Work request: Search the records for the string "from". Copy each line where it occurs.

Available data:

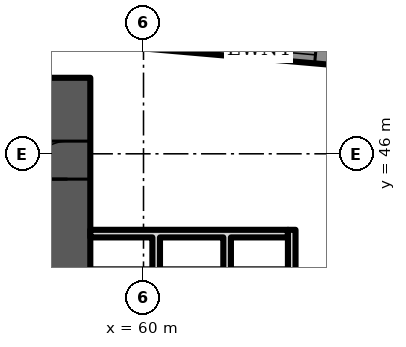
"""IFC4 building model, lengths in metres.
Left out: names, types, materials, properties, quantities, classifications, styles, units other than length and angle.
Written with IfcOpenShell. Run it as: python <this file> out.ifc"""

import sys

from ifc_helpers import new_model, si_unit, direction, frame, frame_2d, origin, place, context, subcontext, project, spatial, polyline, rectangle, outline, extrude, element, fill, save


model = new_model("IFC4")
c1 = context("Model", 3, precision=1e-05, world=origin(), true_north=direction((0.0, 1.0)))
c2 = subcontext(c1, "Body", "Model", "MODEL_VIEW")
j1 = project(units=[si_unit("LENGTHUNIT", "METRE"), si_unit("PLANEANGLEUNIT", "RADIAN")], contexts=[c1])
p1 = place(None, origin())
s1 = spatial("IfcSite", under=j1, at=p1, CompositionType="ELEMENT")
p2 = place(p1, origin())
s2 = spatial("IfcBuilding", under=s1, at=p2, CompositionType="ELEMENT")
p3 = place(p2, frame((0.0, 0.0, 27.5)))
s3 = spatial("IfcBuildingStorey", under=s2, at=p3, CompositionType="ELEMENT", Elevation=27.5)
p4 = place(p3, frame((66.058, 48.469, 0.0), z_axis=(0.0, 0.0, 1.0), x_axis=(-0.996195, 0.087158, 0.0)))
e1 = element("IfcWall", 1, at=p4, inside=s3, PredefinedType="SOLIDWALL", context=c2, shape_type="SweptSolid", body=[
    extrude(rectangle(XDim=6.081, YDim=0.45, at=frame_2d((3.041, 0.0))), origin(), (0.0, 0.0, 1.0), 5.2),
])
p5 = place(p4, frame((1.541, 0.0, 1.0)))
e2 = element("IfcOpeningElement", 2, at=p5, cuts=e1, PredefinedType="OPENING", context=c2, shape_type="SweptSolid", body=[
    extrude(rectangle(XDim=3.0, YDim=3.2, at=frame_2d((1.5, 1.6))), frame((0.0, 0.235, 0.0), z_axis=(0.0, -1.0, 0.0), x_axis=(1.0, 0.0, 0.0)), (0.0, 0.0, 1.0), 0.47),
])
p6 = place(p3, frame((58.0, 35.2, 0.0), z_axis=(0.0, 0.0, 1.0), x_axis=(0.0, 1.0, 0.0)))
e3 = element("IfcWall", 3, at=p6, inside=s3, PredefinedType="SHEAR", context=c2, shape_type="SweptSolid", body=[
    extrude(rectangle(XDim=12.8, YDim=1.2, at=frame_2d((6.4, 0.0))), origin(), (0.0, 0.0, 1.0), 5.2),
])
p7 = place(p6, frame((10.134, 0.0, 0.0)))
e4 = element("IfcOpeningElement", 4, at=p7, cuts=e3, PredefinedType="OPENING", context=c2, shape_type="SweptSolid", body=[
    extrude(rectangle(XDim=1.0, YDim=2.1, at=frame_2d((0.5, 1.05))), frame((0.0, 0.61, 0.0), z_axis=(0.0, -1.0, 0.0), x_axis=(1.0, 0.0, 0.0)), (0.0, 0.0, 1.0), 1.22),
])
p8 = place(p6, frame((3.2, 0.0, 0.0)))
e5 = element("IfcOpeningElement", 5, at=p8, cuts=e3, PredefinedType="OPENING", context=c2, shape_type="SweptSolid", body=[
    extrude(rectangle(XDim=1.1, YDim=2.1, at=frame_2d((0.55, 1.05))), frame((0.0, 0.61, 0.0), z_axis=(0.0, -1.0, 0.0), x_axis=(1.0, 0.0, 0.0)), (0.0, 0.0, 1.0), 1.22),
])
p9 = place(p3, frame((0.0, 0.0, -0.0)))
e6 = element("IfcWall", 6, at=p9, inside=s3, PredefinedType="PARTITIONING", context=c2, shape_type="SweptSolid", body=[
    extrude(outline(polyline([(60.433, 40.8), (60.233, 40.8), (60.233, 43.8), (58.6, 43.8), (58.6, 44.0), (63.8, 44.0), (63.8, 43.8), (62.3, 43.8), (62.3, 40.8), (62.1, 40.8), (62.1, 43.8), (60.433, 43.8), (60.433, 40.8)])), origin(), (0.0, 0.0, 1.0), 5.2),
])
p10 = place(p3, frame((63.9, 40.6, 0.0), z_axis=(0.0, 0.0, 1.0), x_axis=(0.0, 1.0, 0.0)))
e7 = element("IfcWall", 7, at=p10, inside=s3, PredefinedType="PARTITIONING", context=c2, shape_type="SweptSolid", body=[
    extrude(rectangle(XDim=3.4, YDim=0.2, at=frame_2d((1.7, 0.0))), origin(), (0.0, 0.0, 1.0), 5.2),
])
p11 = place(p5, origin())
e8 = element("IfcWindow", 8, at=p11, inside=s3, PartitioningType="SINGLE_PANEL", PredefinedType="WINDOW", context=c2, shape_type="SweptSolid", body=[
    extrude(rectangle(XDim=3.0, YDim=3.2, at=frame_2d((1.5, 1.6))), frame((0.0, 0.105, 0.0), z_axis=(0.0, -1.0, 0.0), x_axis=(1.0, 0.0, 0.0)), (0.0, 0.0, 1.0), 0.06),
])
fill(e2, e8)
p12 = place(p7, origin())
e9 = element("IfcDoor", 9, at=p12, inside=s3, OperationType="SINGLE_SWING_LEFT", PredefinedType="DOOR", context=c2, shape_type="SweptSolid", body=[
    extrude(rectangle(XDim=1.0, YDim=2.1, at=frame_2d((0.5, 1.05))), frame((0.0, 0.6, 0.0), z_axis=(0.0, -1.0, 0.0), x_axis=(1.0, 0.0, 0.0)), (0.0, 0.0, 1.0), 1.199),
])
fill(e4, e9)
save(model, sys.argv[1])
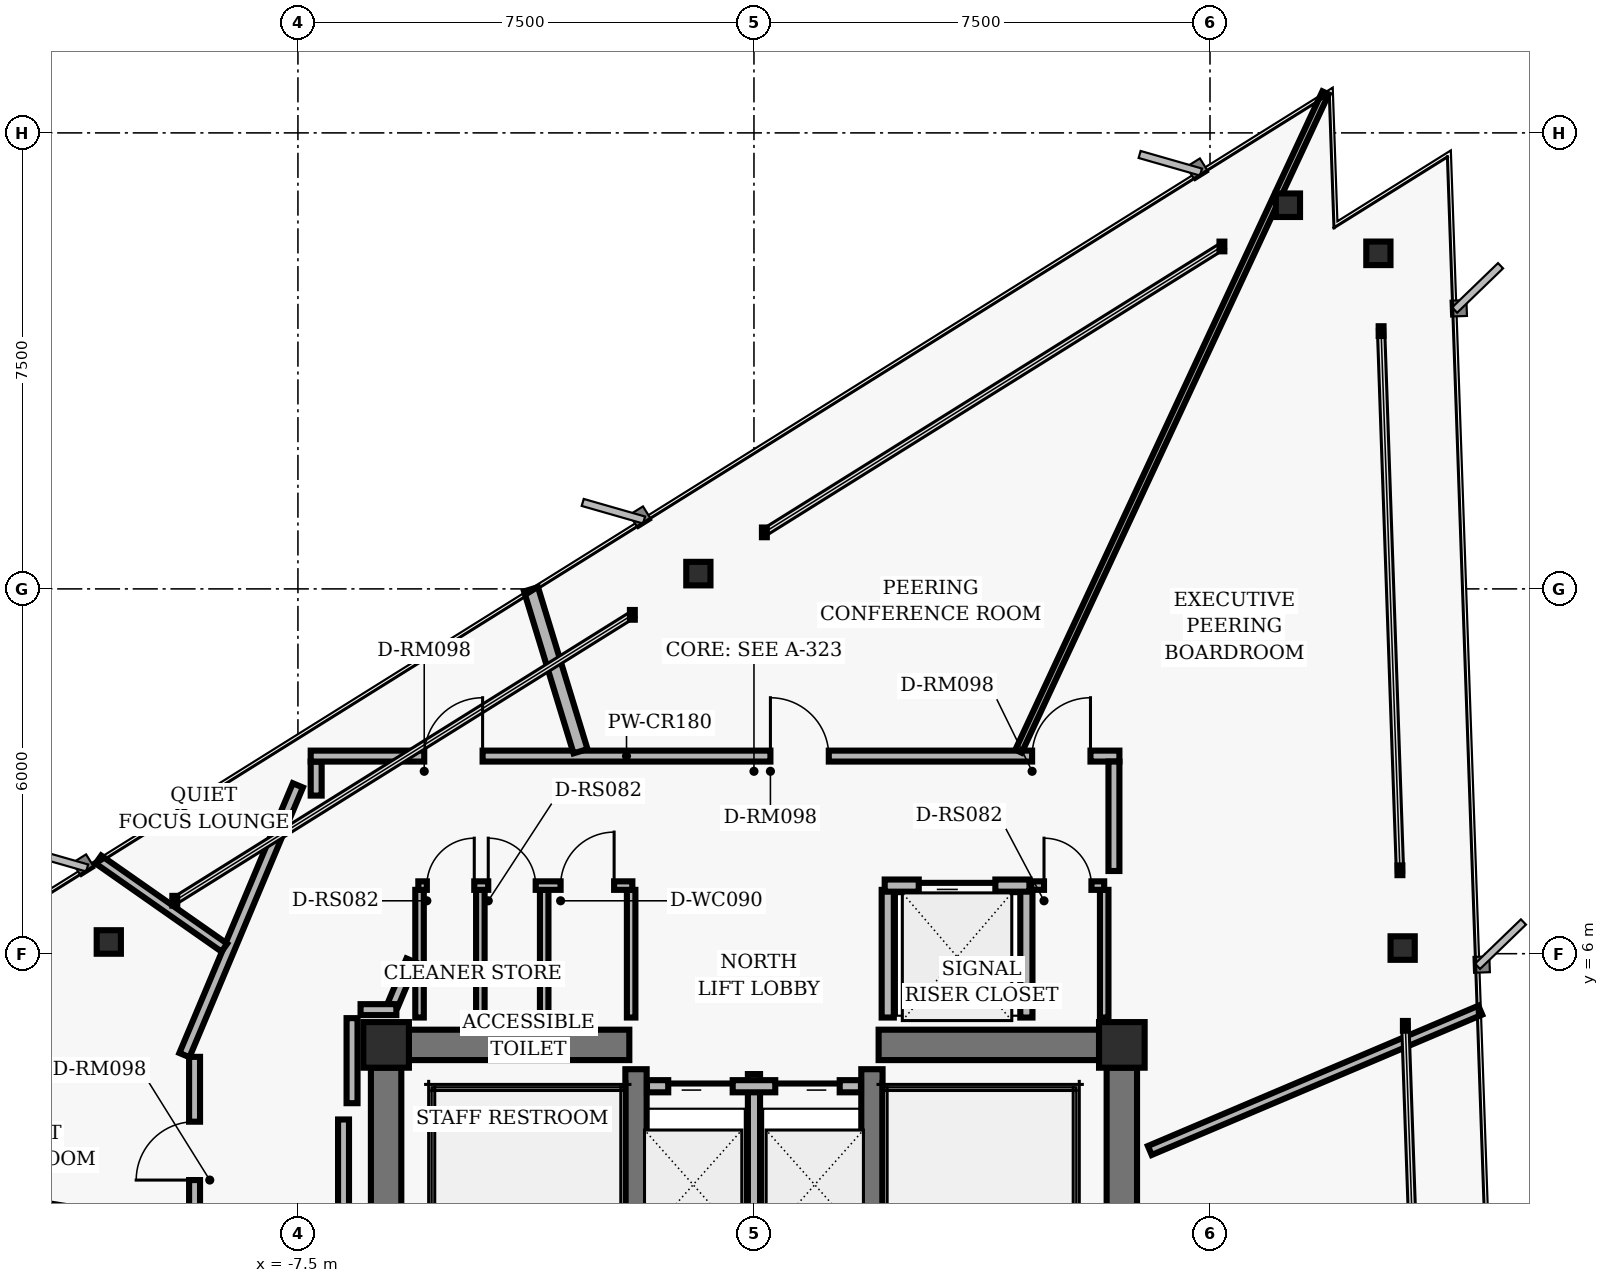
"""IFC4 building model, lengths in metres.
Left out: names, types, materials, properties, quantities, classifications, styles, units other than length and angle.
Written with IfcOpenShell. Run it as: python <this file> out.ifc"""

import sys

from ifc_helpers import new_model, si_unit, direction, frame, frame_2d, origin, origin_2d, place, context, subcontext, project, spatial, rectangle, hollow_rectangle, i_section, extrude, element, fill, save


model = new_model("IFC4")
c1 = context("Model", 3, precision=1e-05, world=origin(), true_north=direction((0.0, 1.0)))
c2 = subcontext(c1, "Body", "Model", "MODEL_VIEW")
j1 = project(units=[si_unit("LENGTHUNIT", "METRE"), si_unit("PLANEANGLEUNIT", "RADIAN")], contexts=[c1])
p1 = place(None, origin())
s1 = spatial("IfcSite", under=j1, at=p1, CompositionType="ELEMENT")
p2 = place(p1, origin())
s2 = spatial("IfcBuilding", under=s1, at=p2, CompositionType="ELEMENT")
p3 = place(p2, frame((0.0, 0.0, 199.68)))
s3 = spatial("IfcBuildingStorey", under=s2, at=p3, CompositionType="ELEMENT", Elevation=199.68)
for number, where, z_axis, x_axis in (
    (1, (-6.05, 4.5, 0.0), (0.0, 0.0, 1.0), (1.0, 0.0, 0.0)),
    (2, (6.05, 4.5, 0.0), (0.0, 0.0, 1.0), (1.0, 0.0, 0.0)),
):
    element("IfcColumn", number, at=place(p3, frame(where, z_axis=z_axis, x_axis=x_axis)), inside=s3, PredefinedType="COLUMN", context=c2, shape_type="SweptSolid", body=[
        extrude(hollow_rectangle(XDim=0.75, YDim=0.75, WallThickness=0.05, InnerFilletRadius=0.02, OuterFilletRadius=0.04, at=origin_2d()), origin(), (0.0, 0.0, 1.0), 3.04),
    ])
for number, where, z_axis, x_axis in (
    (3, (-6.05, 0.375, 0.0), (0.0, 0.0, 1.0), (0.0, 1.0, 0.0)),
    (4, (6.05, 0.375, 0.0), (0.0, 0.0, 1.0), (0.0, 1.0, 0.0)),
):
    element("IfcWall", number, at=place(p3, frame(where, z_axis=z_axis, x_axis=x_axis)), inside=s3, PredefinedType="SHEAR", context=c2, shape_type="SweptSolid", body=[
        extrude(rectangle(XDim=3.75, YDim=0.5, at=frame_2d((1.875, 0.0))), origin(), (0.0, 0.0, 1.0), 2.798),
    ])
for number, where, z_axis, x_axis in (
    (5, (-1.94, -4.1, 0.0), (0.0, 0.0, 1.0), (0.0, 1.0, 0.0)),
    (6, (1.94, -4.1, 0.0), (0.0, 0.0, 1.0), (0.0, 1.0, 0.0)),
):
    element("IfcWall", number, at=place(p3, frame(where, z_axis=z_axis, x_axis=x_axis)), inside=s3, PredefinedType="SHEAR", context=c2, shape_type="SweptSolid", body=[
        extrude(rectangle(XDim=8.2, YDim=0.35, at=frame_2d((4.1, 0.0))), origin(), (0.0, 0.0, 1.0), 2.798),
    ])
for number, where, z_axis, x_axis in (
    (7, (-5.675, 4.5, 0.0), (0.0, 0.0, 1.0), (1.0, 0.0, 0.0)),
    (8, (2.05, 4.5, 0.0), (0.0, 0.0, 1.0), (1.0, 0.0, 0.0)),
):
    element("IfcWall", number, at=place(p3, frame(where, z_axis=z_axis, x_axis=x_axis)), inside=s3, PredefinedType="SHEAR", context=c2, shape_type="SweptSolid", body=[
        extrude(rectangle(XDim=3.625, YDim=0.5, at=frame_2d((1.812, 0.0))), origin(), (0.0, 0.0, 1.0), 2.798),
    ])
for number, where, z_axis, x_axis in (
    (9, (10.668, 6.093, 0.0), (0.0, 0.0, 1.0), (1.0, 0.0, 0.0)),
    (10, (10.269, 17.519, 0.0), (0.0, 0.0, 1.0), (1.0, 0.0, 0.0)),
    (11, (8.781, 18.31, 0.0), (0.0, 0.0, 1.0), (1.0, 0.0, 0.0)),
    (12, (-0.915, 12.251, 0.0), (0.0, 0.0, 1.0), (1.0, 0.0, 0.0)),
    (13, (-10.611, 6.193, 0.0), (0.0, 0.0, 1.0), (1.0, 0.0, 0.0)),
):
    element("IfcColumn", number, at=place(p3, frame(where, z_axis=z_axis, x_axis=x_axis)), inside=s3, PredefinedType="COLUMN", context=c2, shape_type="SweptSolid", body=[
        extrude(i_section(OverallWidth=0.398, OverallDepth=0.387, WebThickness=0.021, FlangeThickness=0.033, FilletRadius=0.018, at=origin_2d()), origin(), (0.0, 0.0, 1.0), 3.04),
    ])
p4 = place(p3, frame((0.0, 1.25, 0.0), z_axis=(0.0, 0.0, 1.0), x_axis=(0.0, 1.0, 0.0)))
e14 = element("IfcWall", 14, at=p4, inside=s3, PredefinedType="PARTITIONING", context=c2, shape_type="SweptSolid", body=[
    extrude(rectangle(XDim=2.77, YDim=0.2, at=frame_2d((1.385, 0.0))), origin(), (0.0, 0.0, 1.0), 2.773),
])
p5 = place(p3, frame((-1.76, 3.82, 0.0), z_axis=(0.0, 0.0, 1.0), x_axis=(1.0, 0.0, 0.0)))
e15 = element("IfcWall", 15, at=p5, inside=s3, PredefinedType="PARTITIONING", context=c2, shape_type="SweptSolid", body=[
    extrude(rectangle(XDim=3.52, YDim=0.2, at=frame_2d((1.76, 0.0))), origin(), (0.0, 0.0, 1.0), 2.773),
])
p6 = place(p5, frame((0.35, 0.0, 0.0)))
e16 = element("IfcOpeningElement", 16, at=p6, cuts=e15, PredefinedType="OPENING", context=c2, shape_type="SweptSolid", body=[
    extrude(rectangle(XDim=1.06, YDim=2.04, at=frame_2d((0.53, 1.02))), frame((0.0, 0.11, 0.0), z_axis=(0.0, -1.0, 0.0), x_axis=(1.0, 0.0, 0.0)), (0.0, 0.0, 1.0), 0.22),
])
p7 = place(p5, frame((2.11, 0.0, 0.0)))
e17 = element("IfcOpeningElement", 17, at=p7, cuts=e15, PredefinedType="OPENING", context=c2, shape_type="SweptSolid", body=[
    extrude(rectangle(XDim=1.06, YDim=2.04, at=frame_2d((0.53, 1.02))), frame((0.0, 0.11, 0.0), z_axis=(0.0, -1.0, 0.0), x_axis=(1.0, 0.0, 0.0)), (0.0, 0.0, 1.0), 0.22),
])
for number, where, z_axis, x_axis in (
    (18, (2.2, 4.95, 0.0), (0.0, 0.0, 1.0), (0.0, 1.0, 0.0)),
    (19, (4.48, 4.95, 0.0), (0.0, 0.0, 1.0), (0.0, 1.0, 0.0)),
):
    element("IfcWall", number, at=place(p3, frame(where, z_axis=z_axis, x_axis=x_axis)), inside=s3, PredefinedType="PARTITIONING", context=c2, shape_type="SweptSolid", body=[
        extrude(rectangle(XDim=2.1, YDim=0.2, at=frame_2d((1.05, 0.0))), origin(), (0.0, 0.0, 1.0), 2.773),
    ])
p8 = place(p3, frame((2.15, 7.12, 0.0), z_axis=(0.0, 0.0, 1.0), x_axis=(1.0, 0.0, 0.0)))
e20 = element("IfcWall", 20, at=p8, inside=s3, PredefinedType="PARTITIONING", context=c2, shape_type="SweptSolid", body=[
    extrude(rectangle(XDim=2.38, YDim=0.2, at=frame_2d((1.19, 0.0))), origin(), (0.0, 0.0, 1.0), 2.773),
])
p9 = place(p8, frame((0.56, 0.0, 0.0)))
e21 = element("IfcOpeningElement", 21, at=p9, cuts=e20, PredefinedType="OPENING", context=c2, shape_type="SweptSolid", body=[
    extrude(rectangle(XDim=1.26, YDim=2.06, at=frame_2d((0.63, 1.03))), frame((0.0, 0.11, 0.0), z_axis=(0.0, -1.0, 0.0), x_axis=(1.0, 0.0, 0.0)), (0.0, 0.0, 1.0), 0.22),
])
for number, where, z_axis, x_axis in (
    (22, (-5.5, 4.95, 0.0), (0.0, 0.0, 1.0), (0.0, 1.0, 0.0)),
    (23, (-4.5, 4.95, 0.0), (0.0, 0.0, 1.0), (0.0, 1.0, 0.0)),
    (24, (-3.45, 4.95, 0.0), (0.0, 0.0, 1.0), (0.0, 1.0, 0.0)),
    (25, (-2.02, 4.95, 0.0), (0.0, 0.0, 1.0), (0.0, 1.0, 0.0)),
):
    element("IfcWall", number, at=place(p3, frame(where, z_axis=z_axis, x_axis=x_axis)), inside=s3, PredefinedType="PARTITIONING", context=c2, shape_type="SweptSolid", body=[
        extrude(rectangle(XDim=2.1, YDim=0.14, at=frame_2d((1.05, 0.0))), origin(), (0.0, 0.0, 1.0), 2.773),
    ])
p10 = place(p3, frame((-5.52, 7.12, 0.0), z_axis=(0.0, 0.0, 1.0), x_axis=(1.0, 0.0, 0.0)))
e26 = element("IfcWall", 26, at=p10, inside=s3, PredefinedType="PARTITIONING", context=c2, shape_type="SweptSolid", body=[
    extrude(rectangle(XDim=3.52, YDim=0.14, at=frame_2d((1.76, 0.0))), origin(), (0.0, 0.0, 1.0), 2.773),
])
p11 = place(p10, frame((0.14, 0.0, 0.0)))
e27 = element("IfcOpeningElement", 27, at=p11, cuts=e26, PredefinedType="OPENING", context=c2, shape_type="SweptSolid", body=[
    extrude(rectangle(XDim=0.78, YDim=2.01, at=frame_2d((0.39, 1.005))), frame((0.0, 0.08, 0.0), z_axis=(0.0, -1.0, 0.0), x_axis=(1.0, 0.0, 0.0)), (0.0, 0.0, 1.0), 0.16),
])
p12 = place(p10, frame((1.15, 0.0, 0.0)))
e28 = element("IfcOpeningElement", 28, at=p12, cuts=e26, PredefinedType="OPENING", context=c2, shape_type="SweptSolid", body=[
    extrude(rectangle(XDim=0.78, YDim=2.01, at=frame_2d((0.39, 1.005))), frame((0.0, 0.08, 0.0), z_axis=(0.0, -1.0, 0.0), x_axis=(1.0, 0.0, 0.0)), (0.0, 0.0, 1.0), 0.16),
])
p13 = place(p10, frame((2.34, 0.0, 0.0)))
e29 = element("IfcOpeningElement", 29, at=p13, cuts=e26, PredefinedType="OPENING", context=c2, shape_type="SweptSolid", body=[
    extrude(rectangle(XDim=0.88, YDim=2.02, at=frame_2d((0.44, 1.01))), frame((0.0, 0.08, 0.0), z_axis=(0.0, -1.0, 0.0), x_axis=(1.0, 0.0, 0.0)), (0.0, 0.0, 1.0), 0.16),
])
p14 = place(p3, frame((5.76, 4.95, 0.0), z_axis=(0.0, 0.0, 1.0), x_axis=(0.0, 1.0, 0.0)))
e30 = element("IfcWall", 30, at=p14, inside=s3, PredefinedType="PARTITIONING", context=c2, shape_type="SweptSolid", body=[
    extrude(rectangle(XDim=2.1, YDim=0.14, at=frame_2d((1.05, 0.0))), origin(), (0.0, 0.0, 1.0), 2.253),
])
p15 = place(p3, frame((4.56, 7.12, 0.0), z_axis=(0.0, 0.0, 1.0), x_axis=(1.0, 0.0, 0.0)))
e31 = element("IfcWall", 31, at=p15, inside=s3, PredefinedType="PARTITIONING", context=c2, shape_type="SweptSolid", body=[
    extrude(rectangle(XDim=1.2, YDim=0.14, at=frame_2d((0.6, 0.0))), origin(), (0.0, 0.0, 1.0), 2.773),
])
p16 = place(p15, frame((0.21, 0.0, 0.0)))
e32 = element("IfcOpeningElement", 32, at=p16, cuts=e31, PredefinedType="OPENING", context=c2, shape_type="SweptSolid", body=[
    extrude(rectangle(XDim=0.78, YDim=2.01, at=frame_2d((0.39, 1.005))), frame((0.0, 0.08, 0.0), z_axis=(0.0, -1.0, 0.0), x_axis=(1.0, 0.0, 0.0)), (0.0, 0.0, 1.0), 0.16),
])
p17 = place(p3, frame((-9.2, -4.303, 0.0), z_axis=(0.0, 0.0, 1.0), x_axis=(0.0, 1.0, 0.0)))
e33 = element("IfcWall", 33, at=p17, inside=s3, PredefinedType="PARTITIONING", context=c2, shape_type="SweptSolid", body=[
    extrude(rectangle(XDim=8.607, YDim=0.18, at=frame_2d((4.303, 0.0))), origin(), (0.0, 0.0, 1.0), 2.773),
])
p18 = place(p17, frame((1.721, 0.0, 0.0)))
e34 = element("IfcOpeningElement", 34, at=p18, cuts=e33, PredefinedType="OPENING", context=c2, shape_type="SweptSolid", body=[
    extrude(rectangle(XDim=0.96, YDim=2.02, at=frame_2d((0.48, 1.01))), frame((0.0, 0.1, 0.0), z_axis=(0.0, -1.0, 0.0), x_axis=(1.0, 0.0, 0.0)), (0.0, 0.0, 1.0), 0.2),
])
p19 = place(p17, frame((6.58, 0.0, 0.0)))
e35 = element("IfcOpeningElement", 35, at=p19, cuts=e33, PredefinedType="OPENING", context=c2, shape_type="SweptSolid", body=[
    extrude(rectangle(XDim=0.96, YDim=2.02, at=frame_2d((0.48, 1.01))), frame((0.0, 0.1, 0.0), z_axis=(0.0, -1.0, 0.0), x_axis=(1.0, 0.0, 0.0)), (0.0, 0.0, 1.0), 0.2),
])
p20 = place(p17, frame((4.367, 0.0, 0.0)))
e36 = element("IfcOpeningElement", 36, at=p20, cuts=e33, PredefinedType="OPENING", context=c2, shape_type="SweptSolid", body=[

The answer:
from ifc_helpers import new_model, si_unit, direction, frame, frame_2d, origin, place, context, subcontext, project, spatial, polyline, rectangle, outline, extrude, element, fill, save
from ifc_helpers import new_model, si_unit, direction, frame, frame_2d, origin, origin_2d, place, context, subcontext, project, spatial, rectangle, hollow_rectangle, i_section, extrude, element, fill, save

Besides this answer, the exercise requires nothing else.